With the line containing "#75=VECTOR('',#74,39.37);" as the start and the line containing "#102=CIRCLE('',#101,0.3937);" as the end, transcribe that span of the entries below exactly, including both.

* * * *

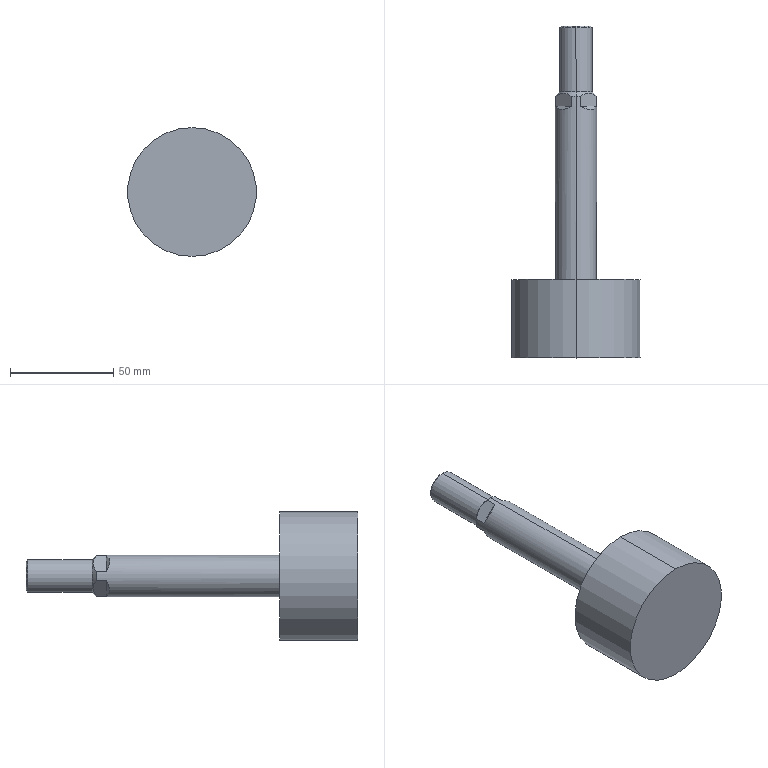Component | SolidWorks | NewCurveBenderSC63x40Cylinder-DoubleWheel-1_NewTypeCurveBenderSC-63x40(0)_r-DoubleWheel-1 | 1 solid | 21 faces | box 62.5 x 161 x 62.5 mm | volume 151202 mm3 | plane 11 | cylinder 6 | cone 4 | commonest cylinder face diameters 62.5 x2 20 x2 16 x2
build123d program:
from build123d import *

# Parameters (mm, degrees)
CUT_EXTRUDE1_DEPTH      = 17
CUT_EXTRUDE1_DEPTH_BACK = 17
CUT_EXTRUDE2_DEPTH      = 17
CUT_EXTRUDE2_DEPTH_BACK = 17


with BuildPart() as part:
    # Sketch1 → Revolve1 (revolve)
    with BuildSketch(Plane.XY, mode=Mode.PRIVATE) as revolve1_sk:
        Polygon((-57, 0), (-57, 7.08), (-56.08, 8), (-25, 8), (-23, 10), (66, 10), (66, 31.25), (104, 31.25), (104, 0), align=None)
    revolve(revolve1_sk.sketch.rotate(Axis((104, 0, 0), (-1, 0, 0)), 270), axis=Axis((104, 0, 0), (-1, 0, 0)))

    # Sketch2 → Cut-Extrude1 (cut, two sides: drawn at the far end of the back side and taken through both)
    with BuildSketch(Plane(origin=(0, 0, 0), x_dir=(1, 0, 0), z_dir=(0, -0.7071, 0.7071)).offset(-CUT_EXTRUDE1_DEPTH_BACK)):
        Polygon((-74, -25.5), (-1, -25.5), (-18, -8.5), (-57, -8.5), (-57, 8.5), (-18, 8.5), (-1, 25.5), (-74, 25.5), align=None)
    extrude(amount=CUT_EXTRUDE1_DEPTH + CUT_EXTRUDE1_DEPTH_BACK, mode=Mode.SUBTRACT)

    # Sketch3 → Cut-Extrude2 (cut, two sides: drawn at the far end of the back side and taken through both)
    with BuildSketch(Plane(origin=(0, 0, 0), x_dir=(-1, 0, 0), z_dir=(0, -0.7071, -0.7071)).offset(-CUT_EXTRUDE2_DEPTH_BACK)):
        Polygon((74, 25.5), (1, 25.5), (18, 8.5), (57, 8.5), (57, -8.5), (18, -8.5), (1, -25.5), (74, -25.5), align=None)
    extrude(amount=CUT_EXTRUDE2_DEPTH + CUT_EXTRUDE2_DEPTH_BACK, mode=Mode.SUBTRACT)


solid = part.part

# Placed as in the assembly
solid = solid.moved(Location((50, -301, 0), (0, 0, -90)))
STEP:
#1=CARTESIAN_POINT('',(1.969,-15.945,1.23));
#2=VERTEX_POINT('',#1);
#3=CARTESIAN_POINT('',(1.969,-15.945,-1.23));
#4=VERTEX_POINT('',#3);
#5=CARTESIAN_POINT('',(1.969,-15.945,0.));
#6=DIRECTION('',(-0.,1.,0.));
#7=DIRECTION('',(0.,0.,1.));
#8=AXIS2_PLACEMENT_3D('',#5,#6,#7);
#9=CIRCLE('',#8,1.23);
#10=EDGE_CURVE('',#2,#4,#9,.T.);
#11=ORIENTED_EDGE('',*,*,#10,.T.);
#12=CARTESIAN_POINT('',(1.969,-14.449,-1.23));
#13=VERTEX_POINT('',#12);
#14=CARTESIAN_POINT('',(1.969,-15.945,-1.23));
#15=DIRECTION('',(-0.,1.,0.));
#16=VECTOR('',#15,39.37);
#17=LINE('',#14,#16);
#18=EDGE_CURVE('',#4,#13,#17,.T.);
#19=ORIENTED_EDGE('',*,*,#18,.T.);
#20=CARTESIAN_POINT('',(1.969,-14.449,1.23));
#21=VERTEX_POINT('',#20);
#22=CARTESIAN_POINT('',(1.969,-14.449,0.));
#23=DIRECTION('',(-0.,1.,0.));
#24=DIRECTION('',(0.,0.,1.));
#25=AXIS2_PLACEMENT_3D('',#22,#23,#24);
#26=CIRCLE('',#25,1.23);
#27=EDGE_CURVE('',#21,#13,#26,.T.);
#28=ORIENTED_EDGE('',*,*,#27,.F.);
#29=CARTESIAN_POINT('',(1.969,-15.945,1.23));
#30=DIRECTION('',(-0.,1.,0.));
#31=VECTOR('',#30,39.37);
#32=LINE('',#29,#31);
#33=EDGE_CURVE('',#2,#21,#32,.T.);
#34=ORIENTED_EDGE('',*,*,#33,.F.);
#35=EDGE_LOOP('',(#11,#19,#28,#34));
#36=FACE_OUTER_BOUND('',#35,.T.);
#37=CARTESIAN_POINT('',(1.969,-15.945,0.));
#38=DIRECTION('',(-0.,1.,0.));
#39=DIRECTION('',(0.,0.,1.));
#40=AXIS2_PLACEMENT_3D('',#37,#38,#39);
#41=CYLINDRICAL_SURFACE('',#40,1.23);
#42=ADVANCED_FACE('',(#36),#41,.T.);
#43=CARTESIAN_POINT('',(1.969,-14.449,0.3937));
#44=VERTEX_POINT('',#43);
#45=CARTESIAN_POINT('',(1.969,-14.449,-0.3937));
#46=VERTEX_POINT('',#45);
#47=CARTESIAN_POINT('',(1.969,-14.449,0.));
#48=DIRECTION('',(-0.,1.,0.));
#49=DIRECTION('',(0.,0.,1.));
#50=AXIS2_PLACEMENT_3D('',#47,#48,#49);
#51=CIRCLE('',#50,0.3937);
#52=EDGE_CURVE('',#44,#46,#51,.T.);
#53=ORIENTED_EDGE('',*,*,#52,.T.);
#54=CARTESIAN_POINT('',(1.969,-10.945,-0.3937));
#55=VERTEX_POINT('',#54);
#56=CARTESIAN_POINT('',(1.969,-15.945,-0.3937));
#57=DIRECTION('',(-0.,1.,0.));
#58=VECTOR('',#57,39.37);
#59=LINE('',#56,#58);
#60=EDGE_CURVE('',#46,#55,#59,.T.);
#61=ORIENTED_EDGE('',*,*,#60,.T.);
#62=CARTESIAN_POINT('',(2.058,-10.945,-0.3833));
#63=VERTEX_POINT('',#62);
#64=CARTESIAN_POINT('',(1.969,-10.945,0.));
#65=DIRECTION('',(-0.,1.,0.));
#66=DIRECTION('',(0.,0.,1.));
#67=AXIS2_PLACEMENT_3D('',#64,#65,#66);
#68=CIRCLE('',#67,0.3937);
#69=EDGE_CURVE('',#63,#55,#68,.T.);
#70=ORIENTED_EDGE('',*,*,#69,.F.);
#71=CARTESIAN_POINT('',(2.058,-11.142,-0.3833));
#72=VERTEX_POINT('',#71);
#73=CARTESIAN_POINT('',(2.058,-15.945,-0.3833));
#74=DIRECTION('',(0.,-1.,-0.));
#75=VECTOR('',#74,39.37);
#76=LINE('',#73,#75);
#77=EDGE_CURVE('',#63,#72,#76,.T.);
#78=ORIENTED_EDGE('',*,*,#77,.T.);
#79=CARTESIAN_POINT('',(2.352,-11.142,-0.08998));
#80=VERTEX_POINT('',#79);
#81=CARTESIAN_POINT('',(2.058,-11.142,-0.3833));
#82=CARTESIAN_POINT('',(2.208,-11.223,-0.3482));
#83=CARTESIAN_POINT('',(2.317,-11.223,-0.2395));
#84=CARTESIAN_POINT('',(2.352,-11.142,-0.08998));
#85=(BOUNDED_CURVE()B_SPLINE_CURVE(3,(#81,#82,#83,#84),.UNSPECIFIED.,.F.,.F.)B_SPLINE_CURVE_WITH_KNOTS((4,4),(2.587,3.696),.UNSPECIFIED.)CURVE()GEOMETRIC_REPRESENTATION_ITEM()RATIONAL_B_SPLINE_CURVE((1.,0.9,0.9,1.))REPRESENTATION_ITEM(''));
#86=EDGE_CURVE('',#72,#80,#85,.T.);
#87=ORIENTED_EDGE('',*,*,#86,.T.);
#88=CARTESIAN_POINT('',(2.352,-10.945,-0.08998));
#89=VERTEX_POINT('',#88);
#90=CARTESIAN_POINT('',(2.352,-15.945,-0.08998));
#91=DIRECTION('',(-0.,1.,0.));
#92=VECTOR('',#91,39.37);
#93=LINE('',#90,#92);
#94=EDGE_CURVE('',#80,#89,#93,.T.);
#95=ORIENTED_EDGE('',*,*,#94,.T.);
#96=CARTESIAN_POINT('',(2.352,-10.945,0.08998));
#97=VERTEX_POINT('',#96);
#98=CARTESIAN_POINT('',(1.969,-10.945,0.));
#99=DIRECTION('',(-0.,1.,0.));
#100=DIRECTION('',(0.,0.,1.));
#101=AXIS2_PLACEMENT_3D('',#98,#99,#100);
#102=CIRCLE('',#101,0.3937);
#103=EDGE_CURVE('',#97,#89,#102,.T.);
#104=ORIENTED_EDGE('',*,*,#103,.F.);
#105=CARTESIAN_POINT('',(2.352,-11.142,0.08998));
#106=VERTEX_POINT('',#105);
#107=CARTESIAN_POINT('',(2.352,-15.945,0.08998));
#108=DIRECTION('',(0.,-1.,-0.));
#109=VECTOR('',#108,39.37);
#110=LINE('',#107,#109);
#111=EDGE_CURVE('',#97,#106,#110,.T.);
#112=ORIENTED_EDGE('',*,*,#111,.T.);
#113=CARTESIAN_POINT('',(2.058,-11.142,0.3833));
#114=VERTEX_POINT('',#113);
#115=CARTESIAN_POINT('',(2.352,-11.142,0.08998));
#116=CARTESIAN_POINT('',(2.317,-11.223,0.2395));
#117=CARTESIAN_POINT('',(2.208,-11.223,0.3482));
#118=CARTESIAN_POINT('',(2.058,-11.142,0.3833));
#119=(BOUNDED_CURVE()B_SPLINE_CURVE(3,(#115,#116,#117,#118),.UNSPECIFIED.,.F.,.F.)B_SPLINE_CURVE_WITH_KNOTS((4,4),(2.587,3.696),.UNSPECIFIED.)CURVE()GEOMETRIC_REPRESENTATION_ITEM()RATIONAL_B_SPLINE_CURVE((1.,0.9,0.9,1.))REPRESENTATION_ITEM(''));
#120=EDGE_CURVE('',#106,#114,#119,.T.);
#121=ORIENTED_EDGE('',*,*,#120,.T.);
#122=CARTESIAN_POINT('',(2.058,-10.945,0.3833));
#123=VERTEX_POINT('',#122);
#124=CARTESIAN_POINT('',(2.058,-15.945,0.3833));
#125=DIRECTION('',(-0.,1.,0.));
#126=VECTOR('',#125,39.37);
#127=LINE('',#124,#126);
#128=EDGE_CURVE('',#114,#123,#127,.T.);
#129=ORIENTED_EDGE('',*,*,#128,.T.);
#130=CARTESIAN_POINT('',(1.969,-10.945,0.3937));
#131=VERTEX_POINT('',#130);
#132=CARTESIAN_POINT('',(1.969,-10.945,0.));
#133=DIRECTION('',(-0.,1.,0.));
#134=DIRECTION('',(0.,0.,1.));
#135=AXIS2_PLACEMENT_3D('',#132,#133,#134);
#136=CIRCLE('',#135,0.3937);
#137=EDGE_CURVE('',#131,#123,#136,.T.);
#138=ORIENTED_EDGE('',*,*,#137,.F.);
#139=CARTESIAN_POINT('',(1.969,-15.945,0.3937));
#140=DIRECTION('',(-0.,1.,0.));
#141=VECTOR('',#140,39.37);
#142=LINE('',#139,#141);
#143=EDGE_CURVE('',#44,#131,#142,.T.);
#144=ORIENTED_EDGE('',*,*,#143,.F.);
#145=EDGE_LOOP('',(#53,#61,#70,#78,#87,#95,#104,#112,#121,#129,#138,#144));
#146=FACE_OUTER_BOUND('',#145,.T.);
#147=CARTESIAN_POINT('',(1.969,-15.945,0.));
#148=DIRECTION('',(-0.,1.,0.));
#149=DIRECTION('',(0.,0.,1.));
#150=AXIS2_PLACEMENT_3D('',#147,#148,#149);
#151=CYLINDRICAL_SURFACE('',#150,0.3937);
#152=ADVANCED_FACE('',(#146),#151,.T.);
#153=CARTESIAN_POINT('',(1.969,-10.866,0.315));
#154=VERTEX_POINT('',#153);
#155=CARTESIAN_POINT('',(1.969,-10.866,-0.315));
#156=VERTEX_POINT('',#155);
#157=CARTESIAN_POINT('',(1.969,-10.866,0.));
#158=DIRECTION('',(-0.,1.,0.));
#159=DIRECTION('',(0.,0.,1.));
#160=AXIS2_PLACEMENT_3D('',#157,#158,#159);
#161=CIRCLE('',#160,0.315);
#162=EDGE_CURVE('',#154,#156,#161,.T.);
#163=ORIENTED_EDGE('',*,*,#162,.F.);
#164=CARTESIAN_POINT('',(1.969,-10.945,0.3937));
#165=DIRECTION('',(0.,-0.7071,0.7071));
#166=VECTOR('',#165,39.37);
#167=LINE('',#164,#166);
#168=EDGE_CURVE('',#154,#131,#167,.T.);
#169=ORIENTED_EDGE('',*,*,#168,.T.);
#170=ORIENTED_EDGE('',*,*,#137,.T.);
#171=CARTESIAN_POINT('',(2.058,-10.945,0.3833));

* * * *

Exercise result ::
#75=VECTOR('',#74,39.37);
#76=LINE('',#73,#75);
#77=EDGE_CURVE('',#63,#72,#76,.T.);
#78=ORIENTED_EDGE('',*,*,#77,.T.);
#79=CARTESIAN_POINT('',(2.352,-11.142,-0.08998));
#80=VERTEX_POINT('',#79);
#81=CARTESIAN_POINT('',(2.058,-11.142,-0.3833));
#82=CARTESIAN_POINT('',(2.208,-11.223,-0.3482));
#83=CARTESIAN_POINT('',(2.317,-11.223,-0.2395));
#84=CARTESIAN_POINT('',(2.352,-11.142,-0.08998));
#85=(BOUNDED_CURVE()B_SPLINE_CURVE(3,(#81,#82,#83,#84),.UNSPECIFIED.,.F.,.F.)B_SPLINE_CURVE_WITH_KNOTS((4,4),(2.587,3.696),.UNSPECIFIED.)CURVE()GEOMETRIC_REPRESENTATION_ITEM()RATIONAL_B_SPLINE_CURVE((1.,0.9,0.9,1.))REPRESENTATION_ITEM(''));
#86=EDGE_CURVE('',#72,#80,#85,.T.);
#87=ORIENTED_EDGE('',*,*,#86,.T.);
#88=CARTESIAN_POINT('',(2.352,-10.945,-0.08998));
#89=VERTEX_POINT('',#88);
#90=CARTESIAN_POINT('',(2.352,-15.945,-0.08998));
#91=DIRECTION('',(-0.,1.,0.));
#92=VECTOR('',#91,39.37);
#93=LINE('',#90,#92);
#94=EDGE_CURVE('',#80,#89,#93,.T.);
#95=ORIENTED_EDGE('',*,*,#94,.T.);
#96=CARTESIAN_POINT('',(2.352,-10.945,0.08998));
#97=VERTEX_POINT('',#96);
#98=CARTESIAN_POINT('',(1.969,-10.945,0.));
#99=DIRECTION('',(-0.,1.,0.));
#100=DIRECTION('',(0.,0.,1.));
#101=AXIS2_PLACEMENT_3D('',#98,#99,#100);
#102=CIRCLE('',#101,0.3937);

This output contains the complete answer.